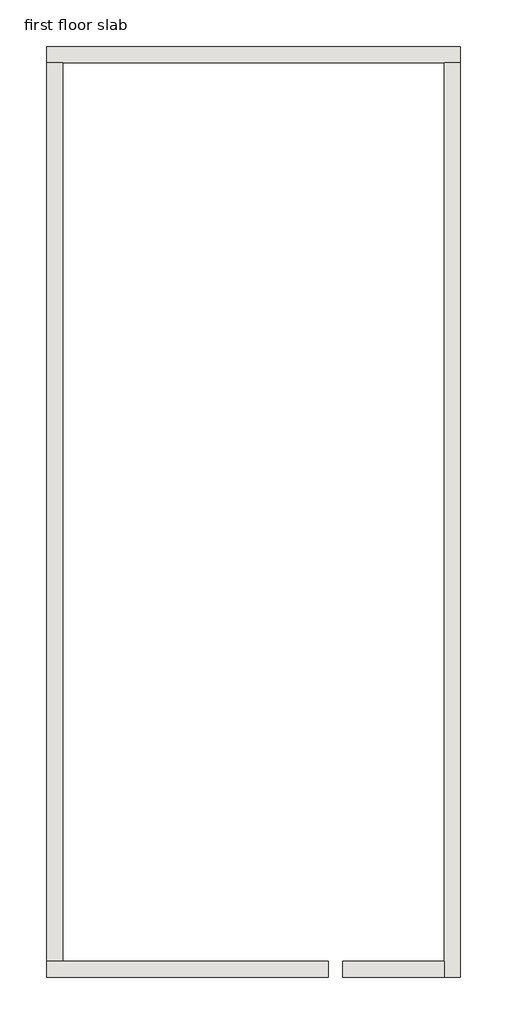
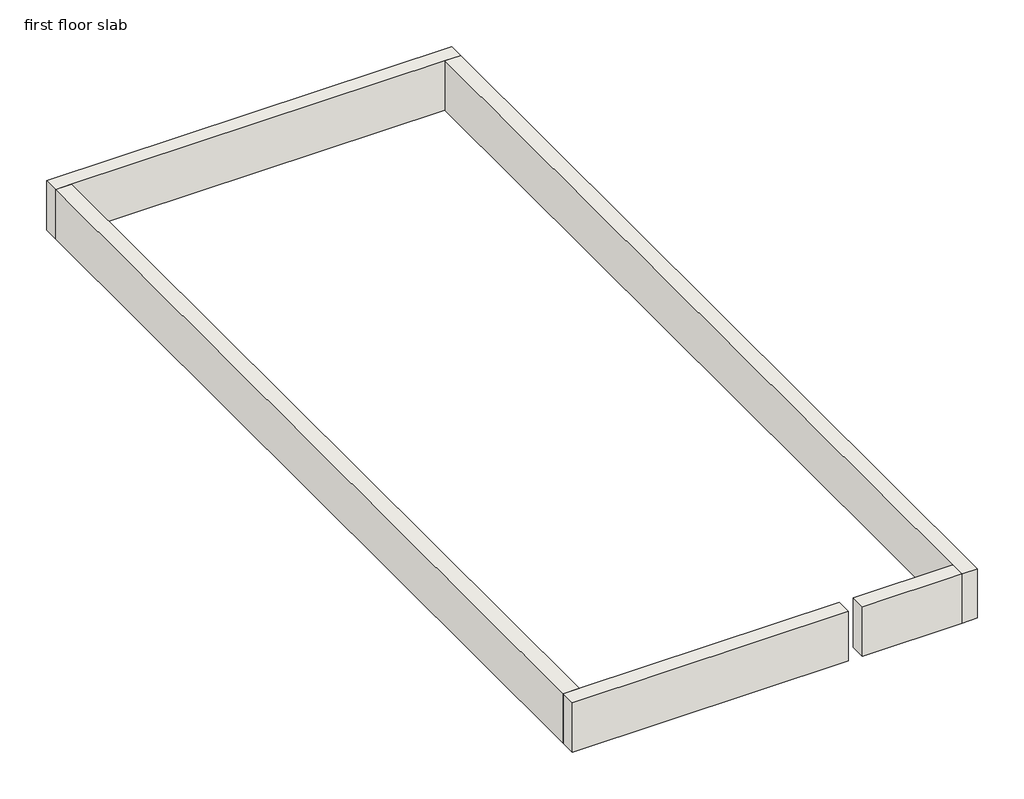
# One storey: 5 walls.
"""IFC4 building model written with IfcOpenShell, lengths in millimetres."""

from ifc_helpers import new_model, si_unit, frame, origin, place, context, project, spatial, polyline, outline, extrude, faceted_brep, element, save

model = new_model("IFC4")

# Units and contexts
model_context = context("Model", 3, world=origin())
ifc_project = project(units=[si_unit("LENGTHUNIT", "METRE", prefix="MILLI")], contexts=[model_context])

# Site, building, storey
site = spatial("IfcSite", under=ifc_project)
building = spatial("IfcBuilding", under=site)
storey = spatial("IfcBuildingStorey", under=building, Name="first floor slab", Elevation=6705.6)

# Walls
placement = place(None, origin())
element("IfcWall", 1, ObjectType="wall 9\"", at=placement, inside=storey, context=model_context, shape_type="Brep", body=[
    faceted_brep([(-12403.8986863, -3151.661407, 6705.6), (-16197.9371373, -3151.661407, 6705.6), (-16426.5371373, -3151.661407, 6705.6), (-16426.5371373, -3151.661407, 7467.6), (-16197.9371373, -3151.661407, 7467.6), (-12403.8986863, -3151.661407, 7467.6), (-12403.8986863, -3380.261407, 6705.6), (-12403.8986863, -3380.261407, 7467.6), (-16426.5371373, -3380.261407, 7467.6), (-16426.5371373, -3380.261407, 6705.6)], [[[0, 1, 2, 3, 4, 5]], [[6, 7, 8, 9]], [[2, 1, 0, 6, 9]], [[5, 4, 3, 8, 7]], [[0, 5, 7, 6]], [[3, 2, 9, 8]]]),
])
element("IfcWall", 2, ObjectType="wall 9\"", at=placement, inside=storey, context=model_context, shape_type="Brep", body=[
    faceted_brep([(-16426.5371373, 9675.338593, 6705.6), (-16197.9371373, 9675.338593, 6705.6), (-10749.6371373, 9675.338593, 6705.6), (-10521.0371373, 9675.338593, 6705.6), (-10521.0371373, 9675.338593, 7467.6), (-10749.6371373, 9675.338593, 7467.6), (-16197.9371373, 9675.338593, 7467.6), (-16426.5371373, 9675.338593, 7467.6), (-16426.5371373, 9903.938593, 6705.6), (-16426.5371373, 9903.938593, 7467.6), (-10521.0371373, 9903.938593, 7467.6), (-10521.0371373, 9903.938593, 6705.6)], [[[0, 1, 2, 3, 4, 5, 6, 7]], [[8, 9, 10, 11]], [[3, 2, 1, 0, 8, 11]], [[7, 6, 5, 4, 10, 9]], [[4, 3, 11, 10]], [[0, 7, 9, 8]]]),
])
element("IfcWall", 3, ObjectType="wall 9\"", at=placement, inside=storey, context=model_context, shape_type="Brep", body=[
    faceted_brep([(-10749.6371373, 9675.338593, 6705.6), (-10749.6371373, -3151.661407, 6705.6), (-10749.6371373, -3380.261407, 6705.6), (-10749.6371373, -3380.261407, 7467.6), (-10749.6371373, -3151.661407, 7467.6), (-10749.6371373, 9675.338593, 7467.6), (-10521.0371373, 9675.338593, 6705.6), (-10521.0371373, 9675.338593, 7467.6), (-10521.0371373, -3380.261407, 7467.6), (-10521.0371373, -3380.261407, 6705.6)], [[[0, 1, 2, 3, 4, 5]], [[6, 7, 8, 9]], [[2, 1, 0, 6, 9]], [[5, 4, 3, 8, 7]], [[0, 5, 7, 6]], [[3, 2, 9, 8]]]),
])
element("IfcWall", 4, ObjectType="wall 9\"", at=placement, inside=storey, context=model_context, shape_type="SweptSolid", body=[
    extrude(outline(polyline([(-12197.4371373, -3151.661407), (-10749.6371373, -3151.661407), (-10749.6371373, -3380.261407), (-12197.4371373, -3380.261407), (-12197.4371373, -3151.661407)])), frame((0.0, 0.0, 6705.6), z_axis=(0.0, 0.0, 1.0), x_axis=(1.0, 0.0, 0.0)), (0.0, 0.0, 1.0), 762.0),
])
element("IfcWall", 5, ObjectType="wall 9\"", at=placement, inside=storey, context=model_context, shape_type="SweptSolid", body=[
    extrude(outline(polyline([(-16197.9371373, 9675.338593), (-16197.9371373, -3151.661407), (-16426.5371373, -3151.661407), (-16426.5371373, 9675.338593), (-16197.9371373, 9675.338593)])), frame((0.0, 0.0, 6705.6), z_axis=(0.0, 0.0, 1.0), x_axis=(1.0, 0.0, 0.0)), (0.0, 0.0, 1.0), 762.0),
])

save(model, "model.ifc")

# Revit data of these elements
# Type "wall 9\""
#   Assembly Code = "B2010"
#   Layers, outside or top first: 0' - 9" no material (function 1)
# Element 1 (IfcWall, "wall 9\"")
#   Top Offset = 0' - 0"
#   Base Offset = 0' - 0"
#   wall height = 2' - 6"
#   Phase Created = New Construction
#   Base Constraint = first floor slab
#   Top Constraint = level 4
#   Materials on its faces: "1. WALL PAINT", "Default Wall"
# Elements 2, 5 (IfcWall, "wall 9\"")
#   Top Offset = 0' - 0"
#   Base Offset = 0' - 0"
#   Unconnected Height = 2' - 6"
#   wall height = 2' - 6"
#   Phase Created = New Construction
#   Base Constraint = first floor slab
#   Materials on its faces: "1. WALL PAINT", "Default Wall"
# Elements 3, 4 (IfcWall, "wall 9\"")
#   Top Offset = 0' - 0"
#   Base Offset = 0' - 0"
#   Unconnected Height = 2' - 6"
#   wall height = 2' - 6"
#   Phase Created = New Construction
#   Base Constraint = first floor slab
#   Materials on its faces: "Default Wall", "1. WALL PAINT"
# Materials
#   "1. WALL PAINT": class "Generic", colour RGB 120 120 120, transparency 0, Cost = 0
#   "Default Wall": colour RGB 128 128 128, transparency 0, Cost = 0

-=-=-=-=-

Retype the entries verbatim and drop the pictures.

# One storey: 5 walls.
"""IFC4 building model written with IfcOpenShell, lengths in millimetres."""

from ifc_helpers import new_model, si_unit, frame, origin, place, context, project, spatial, polyline, outline, extrude, faceted_brep, element, save

model = new_model("IFC4")

# Units and contexts
model_context = context("Model", 3, world=origin())
ifc_project = project(units=[si_unit("LENGTHUNIT", "METRE", prefix="MILLI")], contexts=[model_context])

# Site, building, storey
site = spatial("IfcSite", under=ifc_project)
building = spatial("IfcBuilding", under=site)
storey = spatial("IfcBuildingStorey", under=building, Name="first floor slab", Elevation=6705.6)

# Walls
placement = place(None, origin())
element("IfcWall", 1, ObjectType="wall 9\"", at=placement, inside=storey, context=model_context, shape_type="Brep", body=[
    faceted_brep([(-12403.8986863, -3151.661407, 6705.6), (-16197.9371373, -3151.661407, 6705.6), (-16426.5371373, -3151.661407, 6705.6), (-16426.5371373, -3151.661407, 7467.6), (-16197.9371373, -3151.661407, 7467.6), (-12403.8986863, -3151.661407, 7467.6), (-12403.8986863, -3380.261407, 6705.6), (-12403.8986863, -3380.261407, 7467.6), (-16426.5371373, -3380.261407, 7467.6), (-16426.5371373, -3380.261407, 6705.6)], [[[0, 1, 2, 3, 4, 5]], [[6, 7, 8, 9]], [[2, 1, 0, 6, 9]], [[5, 4, 3, 8, 7]], [[0, 5, 7, 6]], [[3, 2, 9, 8]]]),
])
element("IfcWall", 2, ObjectType="wall 9\"", at=placement, inside=storey, context=model_context, shape_type="Brep", body=[
    faceted_brep([(-16426.5371373, 9675.338593, 6705.6), (-16197.9371373, 9675.338593, 6705.6), (-10749.6371373, 9675.338593, 6705.6), (-10521.0371373, 9675.338593, 6705.6), (-10521.0371373, 9675.338593, 7467.6), (-10749.6371373, 9675.338593, 7467.6), (-16197.9371373, 9675.338593, 7467.6), (-16426.5371373, 9675.338593, 7467.6), (-16426.5371373, 9903.938593, 6705.6), (-16426.5371373, 9903.938593, 7467.6), (-10521.0371373, 9903.938593, 7467.6), (-10521.0371373, 9903.938593, 6705.6)], [[[0, 1, 2, 3, 4, 5, 6, 7]], [[8, 9, 10, 11]], [[3, 2, 1, 0, 8, 11]], [[7, 6, 5, 4, 10, 9]], [[4, 3, 11, 10]], [[0, 7, 9, 8]]]),
])
element("IfcWall", 3, ObjectType="wall 9\"", at=placement, inside=storey, context=model_context, shape_type="Brep", body=[
    faceted_brep([(-10749.6371373, 9675.338593, 6705.6), (-10749.6371373, -3151.661407, 6705.6), (-10749.6371373, -3380.261407, 6705.6), (-10749.6371373, -3380.261407, 7467.6), (-10749.6371373, -3151.661407, 7467.6), (-10749.6371373, 9675.338593, 7467.6), (-10521.0371373, 9675.338593, 6705.6), (-10521.0371373, 9675.338593, 7467.6), (-10521.0371373, -3380.261407, 7467.6), (-10521.0371373, -3380.261407, 6705.6)], [[[0, 1, 2, 3, 4, 5]], [[6, 7, 8, 9]], [[2, 1, 0, 6, 9]], [[5, 4, 3, 8, 7]], [[0, 5, 7, 6]], [[3, 2, 9, 8]]]),
])
element("IfcWall", 4, ObjectType="wall 9\"", at=placement, inside=storey, context=model_context, shape_type="SweptSolid", body=[
    extrude(outline(polyline([(-12197.4371373, -3151.661407), (-10749.6371373, -3151.661407), (-10749.6371373, -3380.261407), (-12197.4371373, -3380.261407), (-12197.4371373, -3151.661407)])), frame((0.0, 0.0, 6705.6), z_axis=(0.0, 0.0, 1.0), x_axis=(1.0, 0.0, 0.0)), (0.0, 0.0, 1.0), 762.0),
])
element("IfcWall", 5, ObjectType="wall 9\"", at=placement, inside=storey, context=model_context, shape_type="SweptSolid", body=[
    extrude(outline(polyline([(-16197.9371373, 9675.338593), (-16197.9371373, -3151.661407), (-16426.5371373, -3151.661407), (-16426.5371373, 9675.338593), (-16197.9371373, 9675.338593)])), frame((0.0, 0.0, 6705.6), z_axis=(0.0, 0.0, 1.0), x_axis=(1.0, 0.0, 0.0)), (0.0, 0.0, 1.0), 762.0),
])

save(model, "model.ifc")

# Revit data of these elements
# Type "wall 9\""
#   Assembly Code = "B2010"
#   Layers, outside or top first: 0' - 9" no material (function 1)
# Element 1 (IfcWall, "wall 9\"")
#   Top Offset = 0' - 0"
#   Base Offset = 0' - 0"
#   wall height = 2' - 6"
#   Phase Created = New Construction
#   Base Constraint = first floor slab
#   Top Constraint = level 4
#   Materials on its faces: "1. WALL PAINT", "Default Wall"
# Elements 2, 5 (IfcWall, "wall 9\"")
#   Top Offset = 0' - 0"
#   Base Offset = 0' - 0"
#   Unconnected Height = 2' - 6"
#   wall height = 2' - 6"
#   Phase Created = New Construction
#   Base Constraint = first floor slab
#   Materials on its faces: "1. WALL PAINT", "Default Wall"
# Elements 3, 4 (IfcWall, "wall 9\"")
#   Top Offset = 0' - 0"
#   Base Offset = 0' - 0"
#   Unconnected Height = 2' - 6"
#   wall height = 2' - 6"
#   Phase Created = New Construction
#   Base Constraint = first floor slab
#   Materials on its faces: "Default Wall", "1. WALL PAINT"
# Materials
#   "1. WALL PAINT": class "Generic", colour RGB 120 120 120, transparency 0, Cost = 0
#   "Default Wall": colour RGB 128 128 128, transparency 0, Cost = 0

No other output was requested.